DATA EXTRACTS Block Start

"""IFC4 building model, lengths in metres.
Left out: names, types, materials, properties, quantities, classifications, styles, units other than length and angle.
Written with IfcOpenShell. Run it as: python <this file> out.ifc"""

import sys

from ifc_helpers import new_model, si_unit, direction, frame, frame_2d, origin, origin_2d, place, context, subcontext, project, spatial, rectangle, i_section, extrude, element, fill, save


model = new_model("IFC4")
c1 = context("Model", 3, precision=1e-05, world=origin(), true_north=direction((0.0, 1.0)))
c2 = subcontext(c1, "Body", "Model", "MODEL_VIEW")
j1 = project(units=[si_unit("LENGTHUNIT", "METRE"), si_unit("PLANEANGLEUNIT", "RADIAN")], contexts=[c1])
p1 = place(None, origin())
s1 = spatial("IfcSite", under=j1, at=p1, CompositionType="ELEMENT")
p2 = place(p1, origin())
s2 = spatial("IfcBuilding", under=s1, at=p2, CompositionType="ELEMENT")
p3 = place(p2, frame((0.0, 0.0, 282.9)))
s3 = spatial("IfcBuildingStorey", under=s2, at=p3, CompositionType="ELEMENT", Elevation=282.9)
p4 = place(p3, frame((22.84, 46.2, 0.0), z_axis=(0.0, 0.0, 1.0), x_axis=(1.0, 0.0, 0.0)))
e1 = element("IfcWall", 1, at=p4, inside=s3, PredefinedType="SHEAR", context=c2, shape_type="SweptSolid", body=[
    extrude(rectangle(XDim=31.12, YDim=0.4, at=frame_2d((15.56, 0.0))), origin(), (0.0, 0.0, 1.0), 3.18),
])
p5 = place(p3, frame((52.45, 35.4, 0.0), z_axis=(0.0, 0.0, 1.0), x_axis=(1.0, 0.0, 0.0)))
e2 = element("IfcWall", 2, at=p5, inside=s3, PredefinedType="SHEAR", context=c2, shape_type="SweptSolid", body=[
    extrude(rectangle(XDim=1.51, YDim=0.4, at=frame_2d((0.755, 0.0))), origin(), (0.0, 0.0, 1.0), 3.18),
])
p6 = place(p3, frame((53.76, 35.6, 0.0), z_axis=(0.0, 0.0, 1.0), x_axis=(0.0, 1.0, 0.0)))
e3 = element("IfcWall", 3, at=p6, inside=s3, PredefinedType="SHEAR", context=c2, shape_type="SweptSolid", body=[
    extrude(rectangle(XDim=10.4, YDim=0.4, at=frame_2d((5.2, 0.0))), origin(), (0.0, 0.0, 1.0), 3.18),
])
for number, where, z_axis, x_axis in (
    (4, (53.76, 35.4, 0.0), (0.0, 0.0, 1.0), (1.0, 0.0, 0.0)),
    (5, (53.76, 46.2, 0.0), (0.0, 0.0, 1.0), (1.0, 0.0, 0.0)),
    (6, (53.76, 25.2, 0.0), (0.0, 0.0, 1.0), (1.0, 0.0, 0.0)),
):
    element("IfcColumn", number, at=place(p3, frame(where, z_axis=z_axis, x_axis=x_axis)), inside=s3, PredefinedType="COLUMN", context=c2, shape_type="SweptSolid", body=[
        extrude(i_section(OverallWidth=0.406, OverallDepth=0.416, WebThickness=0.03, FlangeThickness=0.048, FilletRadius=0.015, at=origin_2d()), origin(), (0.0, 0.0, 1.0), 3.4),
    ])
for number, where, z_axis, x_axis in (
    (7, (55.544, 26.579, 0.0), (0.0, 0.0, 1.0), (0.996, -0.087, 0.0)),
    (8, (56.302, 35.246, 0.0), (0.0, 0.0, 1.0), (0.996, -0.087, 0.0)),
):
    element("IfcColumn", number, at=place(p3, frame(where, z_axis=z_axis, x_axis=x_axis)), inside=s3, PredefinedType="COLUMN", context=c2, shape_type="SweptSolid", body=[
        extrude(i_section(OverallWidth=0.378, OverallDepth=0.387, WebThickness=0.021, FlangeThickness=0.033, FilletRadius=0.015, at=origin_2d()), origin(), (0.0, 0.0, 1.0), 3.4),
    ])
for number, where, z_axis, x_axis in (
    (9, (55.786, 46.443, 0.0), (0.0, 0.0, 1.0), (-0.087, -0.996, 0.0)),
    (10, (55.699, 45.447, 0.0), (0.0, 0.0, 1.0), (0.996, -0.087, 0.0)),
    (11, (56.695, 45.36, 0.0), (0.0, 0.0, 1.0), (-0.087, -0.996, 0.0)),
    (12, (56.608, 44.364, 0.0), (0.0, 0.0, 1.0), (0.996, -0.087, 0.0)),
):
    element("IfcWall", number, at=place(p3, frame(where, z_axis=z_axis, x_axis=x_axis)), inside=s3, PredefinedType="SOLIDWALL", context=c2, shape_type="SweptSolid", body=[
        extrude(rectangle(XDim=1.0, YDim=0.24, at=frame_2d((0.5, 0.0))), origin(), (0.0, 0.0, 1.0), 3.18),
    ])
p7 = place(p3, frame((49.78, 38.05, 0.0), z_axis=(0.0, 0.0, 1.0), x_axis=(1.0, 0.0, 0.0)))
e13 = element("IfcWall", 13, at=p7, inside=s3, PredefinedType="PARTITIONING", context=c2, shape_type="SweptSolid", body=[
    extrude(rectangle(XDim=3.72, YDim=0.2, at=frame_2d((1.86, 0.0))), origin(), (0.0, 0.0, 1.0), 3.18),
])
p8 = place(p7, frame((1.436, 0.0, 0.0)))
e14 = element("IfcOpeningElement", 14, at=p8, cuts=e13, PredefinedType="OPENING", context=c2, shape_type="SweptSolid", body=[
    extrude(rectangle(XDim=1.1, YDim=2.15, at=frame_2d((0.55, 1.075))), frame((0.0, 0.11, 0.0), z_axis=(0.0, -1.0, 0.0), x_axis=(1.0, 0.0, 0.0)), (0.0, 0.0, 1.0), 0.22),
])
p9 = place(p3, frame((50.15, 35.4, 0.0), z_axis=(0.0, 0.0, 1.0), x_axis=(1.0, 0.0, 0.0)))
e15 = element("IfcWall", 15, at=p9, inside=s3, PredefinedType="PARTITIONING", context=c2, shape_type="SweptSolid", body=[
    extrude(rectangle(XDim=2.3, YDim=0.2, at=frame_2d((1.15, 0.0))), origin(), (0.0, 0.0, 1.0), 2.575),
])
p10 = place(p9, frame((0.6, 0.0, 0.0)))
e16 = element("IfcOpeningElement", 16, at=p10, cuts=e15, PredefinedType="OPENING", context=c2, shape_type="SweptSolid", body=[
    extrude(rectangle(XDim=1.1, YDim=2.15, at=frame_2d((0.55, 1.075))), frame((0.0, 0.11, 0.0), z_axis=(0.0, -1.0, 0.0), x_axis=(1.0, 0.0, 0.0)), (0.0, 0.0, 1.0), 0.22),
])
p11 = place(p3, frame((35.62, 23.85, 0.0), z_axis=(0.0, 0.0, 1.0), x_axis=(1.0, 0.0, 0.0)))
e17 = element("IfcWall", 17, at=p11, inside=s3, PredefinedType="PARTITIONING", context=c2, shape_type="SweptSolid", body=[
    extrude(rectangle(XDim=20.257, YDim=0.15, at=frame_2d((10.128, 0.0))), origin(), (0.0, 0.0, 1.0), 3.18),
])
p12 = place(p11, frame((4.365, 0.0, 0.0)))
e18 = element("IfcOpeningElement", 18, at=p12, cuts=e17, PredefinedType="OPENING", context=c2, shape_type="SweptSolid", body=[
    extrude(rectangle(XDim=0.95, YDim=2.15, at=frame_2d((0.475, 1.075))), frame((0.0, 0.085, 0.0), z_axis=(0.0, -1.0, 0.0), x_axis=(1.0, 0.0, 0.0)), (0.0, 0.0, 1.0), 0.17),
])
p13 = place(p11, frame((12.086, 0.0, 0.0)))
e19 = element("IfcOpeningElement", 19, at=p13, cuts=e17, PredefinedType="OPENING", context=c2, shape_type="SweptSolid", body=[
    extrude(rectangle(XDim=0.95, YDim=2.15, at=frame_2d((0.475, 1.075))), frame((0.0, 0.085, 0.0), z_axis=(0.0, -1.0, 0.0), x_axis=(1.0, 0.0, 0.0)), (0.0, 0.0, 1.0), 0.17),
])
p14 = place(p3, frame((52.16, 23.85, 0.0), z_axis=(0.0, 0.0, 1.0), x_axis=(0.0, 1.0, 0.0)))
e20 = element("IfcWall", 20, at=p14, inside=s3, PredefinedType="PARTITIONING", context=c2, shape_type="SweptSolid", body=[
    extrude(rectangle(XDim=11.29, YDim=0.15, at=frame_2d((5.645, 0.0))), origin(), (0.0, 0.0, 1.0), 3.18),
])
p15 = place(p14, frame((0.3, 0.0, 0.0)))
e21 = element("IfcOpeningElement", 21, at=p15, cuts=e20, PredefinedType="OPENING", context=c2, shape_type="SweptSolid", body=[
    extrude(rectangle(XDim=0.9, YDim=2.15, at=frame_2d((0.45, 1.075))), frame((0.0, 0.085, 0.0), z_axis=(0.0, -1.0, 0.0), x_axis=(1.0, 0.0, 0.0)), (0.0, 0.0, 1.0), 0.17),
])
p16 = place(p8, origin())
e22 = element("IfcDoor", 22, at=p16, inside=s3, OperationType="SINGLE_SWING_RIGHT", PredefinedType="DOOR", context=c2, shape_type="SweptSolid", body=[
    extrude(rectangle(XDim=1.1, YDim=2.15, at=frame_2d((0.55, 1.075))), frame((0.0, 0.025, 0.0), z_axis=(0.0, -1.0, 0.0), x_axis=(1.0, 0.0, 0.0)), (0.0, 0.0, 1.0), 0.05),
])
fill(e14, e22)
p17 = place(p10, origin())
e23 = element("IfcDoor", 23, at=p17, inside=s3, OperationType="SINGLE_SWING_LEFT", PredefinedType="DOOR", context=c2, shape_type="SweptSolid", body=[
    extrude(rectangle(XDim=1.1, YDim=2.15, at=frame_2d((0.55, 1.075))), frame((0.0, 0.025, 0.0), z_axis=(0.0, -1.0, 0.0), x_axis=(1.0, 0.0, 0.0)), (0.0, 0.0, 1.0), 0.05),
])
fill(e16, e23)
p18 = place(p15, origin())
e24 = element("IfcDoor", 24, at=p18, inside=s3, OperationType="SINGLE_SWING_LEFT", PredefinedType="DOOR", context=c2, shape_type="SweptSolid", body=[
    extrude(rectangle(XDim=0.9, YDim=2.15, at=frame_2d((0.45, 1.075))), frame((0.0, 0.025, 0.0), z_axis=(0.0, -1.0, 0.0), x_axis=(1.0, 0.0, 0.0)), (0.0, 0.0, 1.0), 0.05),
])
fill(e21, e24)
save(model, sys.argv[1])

DATA EXTRACTS Block End

Scan the records above. Return every line with "OverallDepth" in it.

        extrude(i_section(OverallWidth=0.406, OverallDepth=0.416, WebThickness=0.03, FlangeThickness=0.048, FilletRadius=0.015, at=origin_2d()), origin(), (0.0, 0.0, 1.0), 3.4),
        extrude(i_section(OverallWidth=0.378, OverallDepth=0.387, WebThickness=0.021, FlangeThickness=0.033, FilletRadius=0.015, at=origin_2d()), origin(), (0.0, 0.0, 1.0), 3.4),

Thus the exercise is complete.